### WHAT IS EXPECTED:
Search the listing below for the string "spatial", then copy every line it appears in.

-=-=-=-=-

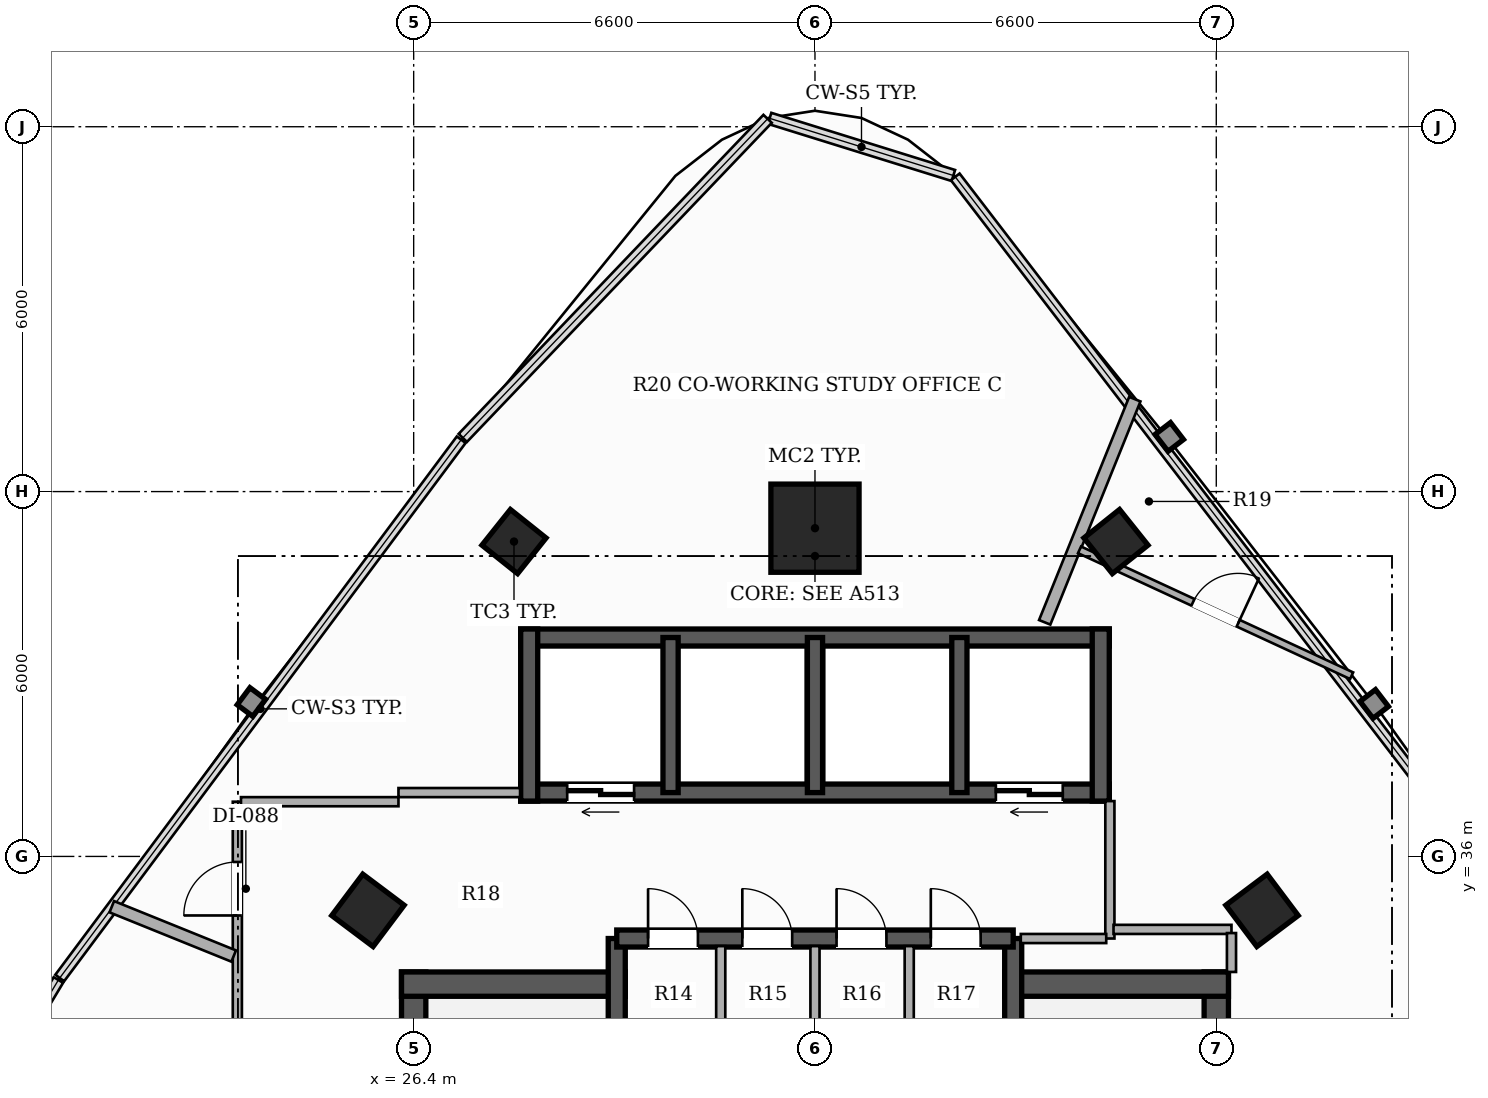
"""IFC4 building model, lengths in metres.
Left out: names, types, materials, properties, quantities, classifications, styles, units other than length and angle.
Written with IfcOpenShell. Run it as: python <this file> out.ifc"""

import sys

from ifc_helpers import new_model, si_unit, direction, frame, frame_2d, origin, origin_2d, place, context, subcontext, project, spatial, rectangle, hollow_rectangle, extrude, element, fill, save


model = new_model("IFC4")
c1 = context("Model", 3, precision=1e-05, world=origin(), true_north=direction((0.0, 1.0)))
c2 = subcontext(c1, "Body", "Model", "MODEL_VIEW")
j1 = project(units=[si_unit("LENGTHUNIT", "METRE"), si_unit("PLANEANGLEUNIT", "RADIAN")], contexts=[c1])
p1 = place(None, origin())
s1 = spatial("IfcSite", under=j1, at=p1, CompositionType="ELEMENT")
p2 = place(p1, origin())
s2 = spatial("IfcBuilding", under=s1, at=p2, CompositionType="ELEMENT")
p3 = place(p2, frame((0.0, 0.0, 157.25)))
s3 = spatial("IfcBuildingStorey", under=s2, at=p3, CompositionType="ELEMENT", Elevation=157.25)
p4 = place(p3, frame((26.4, 26.5, 0.0), z_axis=(0.0, 0.0, 1.0), x_axis=(0.0, 1.0, 0.0)))
e1 = element("IfcWall", 1, at=p4, inside=s3, PredefinedType="SHEAR", context=c2, shape_type="SweptSolid", body=[
    extrude(rectangle(XDim=7.6, YDim=0.4, at=frame_2d((3.8, 0.0))), origin(), (0.0, 0.0, 1.0), 3.3),
])
p5 = place(p3, frame((26.2, 33.9, 0.0), z_axis=(0.0, 0.0, 1.0), x_axis=(1.0, 0.0, 0.0)))
e2 = element("IfcWall", 2, at=p5, inside=s3, PredefinedType="SHEAR", context=c2, shape_type="SweptSolid", body=[
    extrude(rectangle(XDim=3.68, YDim=0.4, at=frame_2d((1.84, 0.0))), origin(), (0.0, 0.0, 1.0), 3.3),
])
p6 = place(p3, frame((39.6, 26.5, 0.0), z_axis=(0.0, 0.0, 1.0), x_axis=(0.0, 1.0, 0.0)))
e3 = element("IfcWall", 3, at=p6, inside=s3, PredefinedType="SHEAR", context=c2, shape_type="SweptSolid", body=[
    extrude(rectangle(XDim=7.6, YDim=0.4, at=frame_2d((3.8, 0.0))), origin(), (0.0, 0.0, 1.0), 3.3),
])
p7 = place(p3, frame((36.12, 33.9, 0.0), z_axis=(0.0, 0.0, 1.0), x_axis=(1.0, 0.0, 0.0)))
e4 = element("IfcWall", 4, at=p7, inside=s3, PredefinedType="SHEAR", context=c2, shape_type="SweptSolid", body=[
    extrude(rectangle(XDim=3.68, YDim=0.4, at=frame_2d((1.84, 0.0))), origin(), (0.0, 0.0, 1.0), 3.3),
])
p8 = place(p3, frame((29.74, 26.5, 0.0), z_axis=(0.0, 0.0, 1.0), x_axis=(0.0, 1.0, 0.0)))
e5 = element("IfcWall", 5, at=p8, inside=s3, PredefinedType="SHEAR", context=c2, shape_type="SweptSolid", body=[
    extrude(rectangle(XDim=8.15, YDim=0.28, at=frame_2d((4.075, 0.0))), origin(), (0.0, 0.0, 1.0), 3.3),
])
p9 = place(p8, frame((0.6, 0.0, 0.0)))
e6 = element("IfcOpeningElement", 6, at=p9, cuts=e5, PredefinedType="OPENING", context=c2, shape_type="SweptSolid", body=[
    extrude(rectangle(XDim=1.05, YDim=2.15, at=frame_2d((0.525, 1.075))), frame((0.0, 0.15, 0.0), z_axis=(0.0, -1.0, 0.0), x_axis=(1.0, 0.0, 0.0)), (0.0, 0.0, 1.0), 0.3),
])
p10 = place(p3, frame((36.26, 26.5, 0.0), z_axis=(0.0, 0.0, 1.0), x_axis=(0.0, 1.0, 0.0)))
e7 = element("IfcWall", 7, at=p10, inside=s3, PredefinedType="SHEAR", context=c2, shape_type="SweptSolid", body=[
    extrude(rectangle(XDim=8.15, YDim=0.28, at=frame_2d((4.075, 0.0))), origin(), (0.0, 0.0, 1.0), 3.3),
])
p11 = place(p10, frame((0.6, 0.0, 0.0)))
e8 = element("IfcOpeningElement", 8, at=p11, cuts=e7, PredefinedType="OPENING", context=c2, shape_type="SweptSolid", body=[
    extrude(rectangle(XDim=1.05, YDim=2.15, at=frame_2d((0.525, 1.075))), frame((0.0, 0.15, 0.0), z_axis=(0.0, -1.0, 0.0), x_axis=(1.0, 0.0, 0.0)), (0.0, 0.0, 1.0), 0.3),
])
p12 = place(p3, frame((29.74, 34.65, 0.0), z_axis=(0.0, 0.0, 1.0), x_axis=(1.0, 0.0, 0.0)))
e9 = element("IfcWall", 9, at=p12, inside=s3, PredefinedType="SHEAR", context=c2, shape_type="SweptSolid", body=[
    extrude(rectangle(XDim=6.52, YDim=0.28, at=frame_2d((3.26, 0.0))), origin(), (0.0, 0.0, 1.0), 3.3),
])
p13 = place(p12, frame((0.515, 0.0, 0.0)))
e10 = element("IfcOpeningElement", 10, at=p13, cuts=e9, PredefinedType="OPENING", context=c2, shape_type="SweptSolid", body=[
    extrude(rectangle(XDim=0.82, YDim=2.1, at=frame_2d((0.41, 1.05))), frame((0.0, 0.15, 0.0), z_axis=(0.0, -1.0, 0.0), x_axis=(1.0, 0.0, 0.0)), (0.0, 0.0, 1.0), 0.3),
])
p14 = place(p12, frame((2.065, 0.0, 0.0)))
e11 = element("IfcOpeningElement", 11, at=p14, cuts=e9, PredefinedType="OPENING", context=c2, shape_type="SweptSolid", body=[
    extrude(rectangle(XDim=0.82, YDim=2.1, at=frame_2d((0.41, 1.05))), frame((0.0, 0.15, 0.0), z_axis=(0.0, -1.0, 0.0), x_axis=(1.0, 0.0, 0.0)), (0.0, 0.0, 1.0), 0.3),
])
p15 = place(p12, frame((3.615, 0.0, 0.0)))
e12 = element("IfcOpeningElement", 12, at=p15, cuts=e9, PredefinedType="OPENING", context=c2, shape_type="SweptSolid", body=[
    extrude(rectangle(XDim=0.82, YDim=2.1, at=frame_2d((0.41, 1.05))), frame((0.0, 0.15, 0.0), z_axis=(0.0, -1.0, 0.0), x_axis=(1.0, 0.0, 0.0)), (0.0, 0.0, 1.0), 0.3),
])
p16 = place(p12, frame((5.165, 0.0, 0.0)))
e13 = element("IfcOpeningElement", 13, at=p16, cuts=e9, PredefinedType="OPENING", context=c2, shape_type="SweptSolid", body=[
    extrude(rectangle(XDim=0.82, YDim=2.1, at=frame_2d((0.41, 1.05))), frame((0.0, 0.15, 0.0), z_axis=(0.0, -1.0, 0.0), x_axis=(1.0, 0.0, 0.0)), (0.0, 0.0, 1.0), 0.3),
])
p17 = place(p3, frame((37.84, 37.05, 0.0), z_axis=(0.0, 0.0, 1.0), x_axis=(-1.0, 0.0, 0.0)))
e14 = element("IfcWall", 14, at=p17, inside=s3, PredefinedType="SHEAR", context=c2, shape_type="SweptSolid", body=[
    extrude(rectangle(XDim=9.68, YDim=0.28, at=frame_2d((4.84, 0.0))), origin(), (0.0, 0.0, 1.0), 3.3),
])
p18 = place(p17, frame((7.815, 0.0, 0.0)))
e15 = element("IfcOpeningElement", 15, at=p18, cuts=e14, PredefinedType="OPENING", context=c2, shape_type="SweptSolid", body=[
    extrude(rectangle(XDim=1.1, YDim=2.2, at=frame_2d((0.55, 1.1))), frame((0.0, 0.15, 0.0), z_axis=(0.0, -1.0, 0.0), x_axis=(1.0, 0.0, 0.0)), (0.0, 0.0, 1.0), 0.3),
])
p19 = place(p17, frame((0.765, 0.0, 0.0)))
e16 = element("IfcOpeningElement", 16, at=p19, cuts=e14, PredefinedType="OPENING", context=c2, shape_type="SweptSolid", body=[
    extrude(rectangle(XDim=1.1, YDim=2.2, at=frame_2d((0.55, 1.1))), frame((0.0, 0.15, 0.0), z_axis=(0.0, -1.0, 0.0), x_axis=(1.0, 0.0, 0.0)), (0.0, 0.0, 1.0), 0.3),
])
p20 = place(p3, frame((28.16, 39.6, 0.0), z_axis=(0.0, 0.0, 1.0), x_axis=(1.0, 0.0, 0.0)))
e17 = element("IfcWall", 17, at=p20, inside=s3, PredefinedType="SHEAR", context=c2, shape_type="SweptSolid", body=[
    extrude(rectangle(XDim=9.68, YDim=0.28, at=frame_2d((4.84, 0.0))), origin(), (0.0, 0.0, 1.0), 3.3),
])
for number, where, z_axis, x_axis in (
    (18, (28.3, 36.91, 0.0), (0.0, 0.0, 1.0), (0.0, 1.0, 0.0)),
    (19, (37.7, 36.91, 0.0), (0.0, 0.0, 1.0), (0.0, 1.0, 0.0)),
):
    element("IfcWall", number, at=place(p3, frame(where, z_axis=z_axis, x_axis=x_axis)), inside=s3, PredefinedType="SHEAR", context=c2, shape_type="SweptSolid", body=[
        extrude(rectangle(XDim=2.83, YDim=0.28, at=frame_2d((1.415, 0.0))), origin(), (0.0, 0.0, 1.0), 3.3),
    ])
for number, where, z_axis, x_axis in (
    (20, (30.625, 37.05, 0.0), (0.0, 0.0, 1.0), (0.0, 1.0, 0.0)),
    (21, (33.0, 37.05, 0.0), (0.0, 0.0, 1.0), (0.0, 1.0, 0.0)),
    (22, (35.375, 37.05, 0.0), (0.0, 0.0, 1.0), (0.0, 1.0, 0.0)),
):
    element("IfcWall", number, at=place(p3, frame(where, z_axis=z_axis, x_axis=x_axis)), inside=s3, PredefinedType="SHEAR", context=c2, shape_type="SweptSolid", body=[
        extrude(rectangle(XDim=2.55, YDim=0.25, at=frame_2d((1.275, 0.0))), origin(), (0.0, 0.0, 1.0), 3.3),
    ])
p21 = place(p3, frame((33.0, 41.398, 0.0), z_axis=(0.0, 0.0, 1.0), x_axis=(1.0, 0.0, 0.0)))
e23 = element("IfcColumn", 23, at=p21, inside=s3, PredefinedType="COLUMN", context=c2, shape_type="SweptSolid", body=[
    extrude(hollow_rectangle(XDim=1.45, YDim=1.45, WallThickness=0.045, at=origin_2d()), origin(), (0.0, 0.0, 1.0), 3.3),
])
for number, where, z_axis, x_axis in (
    (24, (25.648, 35.113, 0.0), (0.0, 0.0, 1.0), (0.6, 0.8, 0.0)),
    (25, (40.352, 35.113, 0.0), (0.0, 0.0, 1.0), (-0.6, 0.8, 0.0)),
):
    element("IfcColumn", number, at=place(p3, frame(where, z_axis=z_axis, x_axis=x_axis)), inside=s3, PredefinedType="COLUMN", context=c2, shape_type="SweptSolid", body=[
        extrude(hollow_rectangle(XDim=0.85, YDim=0.85, WallThickness=0.028, at=origin_2d()), origin(), (0.0, 0.0, 1.0), 3.3),
    ])
for number, where, z_axis, x_axis in (
    (26, (28.05, 41.178, 0.0), (0.0, 0.0, 1.0), (0.624, 0.782, 0.0)),
    (27, (37.95, 41.178, 0.0), (0.0, 0.0, 1.0), (-0.624, 0.782, 0.0)),
):
    element("IfcColumn", number, at=place(p3, frame(where, z_axis=z_axis, x_axis=x_axis)), inside=s3, PredefinedType="COLUMN", context=c2, shape_type="SweptSolid", body=[
        extrude(hollow_rectangle(XDim=0.75, YDim=0.75, WallThickness=0.025, at=origin_2d()), origin(), (0.0, 0.0, 1.0), 3.3),
    ])
p22 = place(p3, frame((37.85, 34.65, 0.0), z_axis=(0.0, 0.0, 1.0), x_axis=(0.0, 1.0, 0.0)))
e28 = element("IfcWall", 28, at=p22, inside=s3, PredefinedType="PARTITIONING", context=c2, shape_type="SweptSolid", body=[
    extrude(rectangle(XDim=2.26, YDim=0.15, at=frame_2d((1.13, 0.0))), origin(), (0.0, 0.0, 1.0), 3.06),
])
p23 = place(p3, frame((36.385, 34.65, 0.0), z_axis=(0.0, 0.0, 1.0), x_axis=(1.0, 0.0, 0.0)))
e29 = element("IfcWall", 29, at=p23, inside=s3, PredefinedType="PARTITIONING", context=c2, shape_type="SweptSolid", body=[
    extrude(rectangle(XDim=1.405, YDim=0.15, at=frame_2d((0.703, 0.0))), origin(), (0.0, 0.0, 1.0), 2.425),
])
for number, where, z_axis, x_axis in (
    (30, (31.45, 32.915, 0.0), (0.0, 0.0, 1.0), (0.0, 1.0, 0.0)),
    (31, (33.0, 32.915, 0.0), (0.0, 0.0, 1.0), (0.0, 1.0, 0.0)),
    (32, (34.55, 32.915, 0.0), (0.0, 0.0, 1.0), (0.0, 1.0, 0.0)),
):
    element("IfcWall", number, at=place(p3, frame(where, z_axis=z_axis, x_axis=x_axis)), inside=s3, PredefinedType="PARTITIONING", context=c2, shape_type="SweptSolid", body=[
        extrude(rectangle(XDim=1.61, YDim=0.15, at=frame_2d((0.805, 0.0))), origin(), (0.0, 0.0, 1.0), 3.06),
    ])
p24 = place(p3, frame((23.5, 14.06, 0.0), z_axis=(0.0, 0.0, 1.0), x_axis=(0.0, 1.0, 0.0)))
e33 = element("IfcWall", 33, at=p24, inside=s3, PredefinedType="PARTITIONING", context=c2, shape_type="SweptSolid", body=[
    extrude(rectangle(XDim=22.84, YDim=0.15, at=frame_2d((11.42, 0.0))), origin(), (0.0, 0.0, 1.0), 2.413),
])
p25 = place(p24, frame((8.172, 0.0, 0.0)))
e34 = element("IfcOpeningElement", 34, at=p25, cuts=e33, PredefinedType="OPENING", context=c2, shape_type="SweptSolid", body=[
    extrude(rectangle(XDim=0.88, YDim=2.1, at=frame_2d((0.44, 1.05))), frame((0.0, 0.085, 0.0), z_axis=(0.0, -1.0, 0.0), x_axis=(1.0, 0.0, 0.0)), (0.0, 0.0, 1.0), 0.17),
])
p26 = place(p24, frame((20.969, 0.0, 0.0)))
e35 = element("IfcOpeningElement", 35, at=p26, cuts=e33, PredefinedType="OPENING", context=c2, shape_type="SweptSolid", body=[
    extrude(rectangle(XDim=0.88, YDim=2.1, at=frame_2d((0.44, 1.05))), frame((0.0, 0.085, 0.0), z_axis=(0.0, -1.0, 0.0), x_axis=(1.0, 0.0, 0.0)), (0.0, 0.0, 1.0), 0.17),
])
p27 = place(p24, frame((15.484, 0.0, 0.0)))
e36 = element("IfcOpeningElement", 36, at=p27, cuts=e33, PredefinedType="OPENING", context=c2, shape_type="SweptSolid", body=[
    extrude(rectangle(XDim=0.88, YDim=2.1, at=frame_2d((0.44, 1.05))), frame((0.0, 0.085, 0.0), z_axis=(0.0, -1.0, 0.0), x_axis=(1.0, 0.0, 0.0)), (0.0, 0.0, 1.0), 0.17),
])
p28 = place(p3, frame((23.56, 36.9, 0.0), z_axis=(0.0, 0.0, 1.0), x_axis=(1.0, 0.0, 0.0)))
e37 = element("IfcWall", 37, at=p28, inside=s3, PredefinedType="PARTITIONING", context=c2, shape_type="SweptSolid", body=[
    extrude(rectangle(XDim=2.59, YDim=0.15, at=frame_2d((1.295, 0.0))), origin(), (0.0, 0.0, 1.0), 2.413),
])
p29 = place(p3, frame((26.15, 37.05, 0.0), z_axis=(0.0, 0.0, 1.0), x_axis=(1.0, 0.0, 0.0)))
e38 = element("IfcWall", 38, at=p29, inside=s3, PredefinedType="PARTITIONING", context=c2, shape_type="SweptSolid", body=[
    extrude(rectangle(XDim=2.0, YDim=0.15, at=frame_2d((1.0, 0.0))), origin(), (0.0, 0.0, 1.0), 2.413),
])
p30 = place(p3, frame((37.91, 34.8, 0.0), z_axis=(0.0, 0.0, 1.0), x_axis=(1.0, 0.0, 0.0)))
e39 = element("IfcWall", 39, at=p30, inside=s3, PredefinedType="PARTITIONING", context=c2, shape_type="SweptSolid", body=[
    extrude(rectangle(XDim=1.94, YDim=0.15, at=frame_2d((0.97, 0.0))), origin(), (0.0, 0.0, 1.0), 2.721),
])
p31 = place(p3, frame((39.85, 34.74, 0.0), z_axis=(0.0, 0.0, 1.0), x_axis=(0.0, -1.0, 0.0)))
e40 = element("IfcWall", 40, at=p31, inside=s3, PredefinedType="PARTITIONING", context=c2, shape_type="SweptSolid", body=[
    extrude(rectangle(XDim=0.64, YDim=0.15, at=frame_2d((0.32, 0.0))), origin(), (0.0, 0.0, 1.0), 2.721),
])
p32 = place(p3, frame((36.778, 39.85, 0.0), z_axis=(0.0, 0.0, 1.0), x_axis=(0.374430412004, 0.927255017008, 0.0)))
e41 = element("IfcWall", 41, at=p32, inside=s3, PredefinedType="PARTITIONING", context=c2, shape_type="SweptSolid", body=[
    extrude(rectangle(XDim=3.958, YDim=0.2, at=frame_2d((1.979, 0.0))), origin(), (0.0, 0.0, 1.0), 2.413),
])
p33 = place(p3, frame((23.44, 34.362, 0.0), z_axis=(0.0, 0.0, 1.0), x_axis=(-0.927021575741, 0.375007997395, 0.0)))
e42 = element("IfcWall", 42, at=p33, inside=s3, PredefinedType="PARTITIONING", context=c2, shape_type="SweptSolid", body=[
    extrude(rectangle(XDim=2.163, YDim=0.2, at=frame_2d((1.081, 0.0))), origin(), (0.0, 0.0, 1.0), 3.06),
])
p34 = place(p3, frame((37.351, 41.042, 0.0), z_axis=(0.0, 0.0, 1.0), x_axis=(0.907592371503, -0.419852458834, 0.0)))
e43 = element("IfcWall", 43, at=p34, inside=s3, PredefinedType="PARTITIONING", context=c2, shape_type="SweptSolid", body=[
    extrude(rectangle(XDim=4.93, YDim=0.12, at=frame_2d((2.465, 0.0))), origin(), (0.0, 0.0, 1.0), 2.413),
])
p35 = place(p34, frame((2.055, 0.0, 0.0)))
e44 = element("IfcOpeningElement", 44, at=p35, cuts=e43, PredefinedType="OPENING", context=c2, shape_type="SweptSolid", body=[
    extrude(rectangle(XDim=0.82, YDim=2.1, at=frame_2d((0.41, 1.05))), frame((0.0, 0.07, 0.0), z_axis=(0.0, -1.0, 0.0), x_axis=(1.0, 0.0, 0.0)), (0.0, 0.0, 1.0), 0.14),
])
p36 = place(p18, origin())
e45 = element("IfcDoor", 45, at=p36, inside=s3, OperationType="DOUBLE_DOOR_SLIDING", PredefinedType="DOOR", context=c2, shape_type="SweptSolid", body=[
    extrude(rectangle(XDim=1.1, YDim=2.2, at=frame_2d((0.55, 1.1))), frame((0.0, 0.025, 0.0), z_axis=(0.0, -1.0, 0.0), x_axis=(1.0, 0.0, 0.0)), (0.0, 0.0, 1.0), 0.05),
])
fill(e15, e45)
p37 = place(p19, origin())
e46 = element("IfcDoor", 46, at=p37, inside=s3, OperationType="DOUBLE_DOOR_SLIDING", PredefinedType="DOOR", context=c2, shape_type="SweptSolid", body=[
    extrude(rectangle(XDim=1.1, YDim=2.2, at=frame_2d((0.55, 1.1))), frame((0.0, 0.025, 0.0), z_axis=(0.0, -1.0, 0.0), x_axis=(1.0, 0.0, 0.0)), (0.0, 0.0, 1.0), 0.05),
])
fill(e16, e46)
p38 = place(p13, origin())
e47 = element("IfcDoor", 47, at=p38, inside=s3, OperationType="SINGLE_SWING_LEFT", PredefinedType="DOOR", context=c2, shape_type="SweptSolid", body=[
    extrude(rectangle(XDim=0.82, YDim=2.1, at=frame_2d((0.41, 1.05))), frame((0.0, 0.025, 0.0), z_axis=(0.0, -1.0, 0.0), x_axis=(1.0, 0.0, 0.0)), (0.0, 0.0, 1.0), 0.05),
])
fill(e10, e47)
p39 = place(p14, origin())
e48 = element("IfcDoor", 48, at=p39, inside=s3, OperationType="SINGLE_SWING_LEFT", PredefinedType="DOOR", context=c2, shape_type="SweptSolid", body=[
    extrude(rectangle(XDim=0.82, YDim=2.1, at=frame_2d((0.41, 1.05))), frame((0.0, 0.025, 0.0), z_axis=(0.0, -1.0, 0.0), x_axis=(1.0, 0.0, 0.0)), (0.0, 0.0, 1.0), 0.05),
])
fill(e11, e48)
p40 = place(p15, origin())
e49 = element("IfcDoor", 49, at=p40, inside=s3, OperationType="SINGLE_SWING_LEFT", PredefinedType="DOOR", context=c2, shape_type="SweptSolid", body=[
    extrude(rectangle(XDim=0.82, YDim=2.1, at=frame_2d((0.41, 1.05))), frame((0.0, 0.025, 0.0), z_axis=(0.0, -1.0, 0.0), x_axis=(1.0, 0.0, 0.0)), (0.0, 0.0, 1.0), 0.05),
])
fill(e12, e49)
p41 = place(p16, origin())
e50 = element("IfcDoor", 50, at=p41, inside=s3, OperationType="SINGLE_SWING_LEFT", PredefinedType="DOOR", context=c2, shape_type="SweptSolid", body=[
    extrude(rectangle(XDim=0.82, YDim=2.1, at=frame_2d((0.41, 1.05))), frame((0.0, 0.025, 0.0), z_axis=(0.0, -1.0, 0.0), x_axis=(1.0, 0.0, 0.0)), (0.0, 0.0, 1.0), 0.05),
])
fill(e13, e50)
p42 = place(p35, origin())
e51 = element("IfcDoor", 51, at=p42, inside=s3, OperationType="SINGLE_SWING_RIGHT", PredefinedType="DOOR", context=c2, shape_type="SweptSolid", body=[
    extrude(rectangle(XDim=0.82, YDim=2.1, at=frame_2d((0.41, 1.05))), frame((0.0, 0.025, 0.0), z_axis=(0.0, -1.0, 0.0), x_axis=(1.0, 0.0, 0.0)), (0.0, 0.0, 1.0), 0.05),
])
fill(e44, e51)
p43 = place(p26, origin())
e52 = element("IfcDoor", 52, at=p43, inside=s3, OperationType="SINGLE_SWING_LEFT", PredefinedType="DOOR", context=c2, shape_type="SweptSolid", body=[
    extrude(rectangle(XDim=0.88, YDim=2.1, at=frame_2d((0.44, 1.05))), frame((0.0, 0.025, 0.0), z_axis=(0.0, -1.0, 0.0), x_axis=(1.0, 0.0, 0.0)), (0.0, 0.0, 1.0), 0.05),
])
fill(e35, e52)
save(model, sys.argv[1])

-=-=-=-=-

### SOLUTION:
from ifc_helpers import new_model, si_unit, direction, frame, frame_2d, origin, origin_2d, place, context, subcontext, project, spatial, rectangle, hollow_rectangle, extrude, element, fill, save
s1 = spatial("IfcSite", under=j1, at=p1, CompositionType="ELEMENT")
s2 = spatial("IfcBuilding", under=s1, at=p2, CompositionType="ELEMENT")
s3 = spatial("IfcBuildingStorey", under=s2, at=p3, CompositionType="ELEMENT", Elevation=157.25)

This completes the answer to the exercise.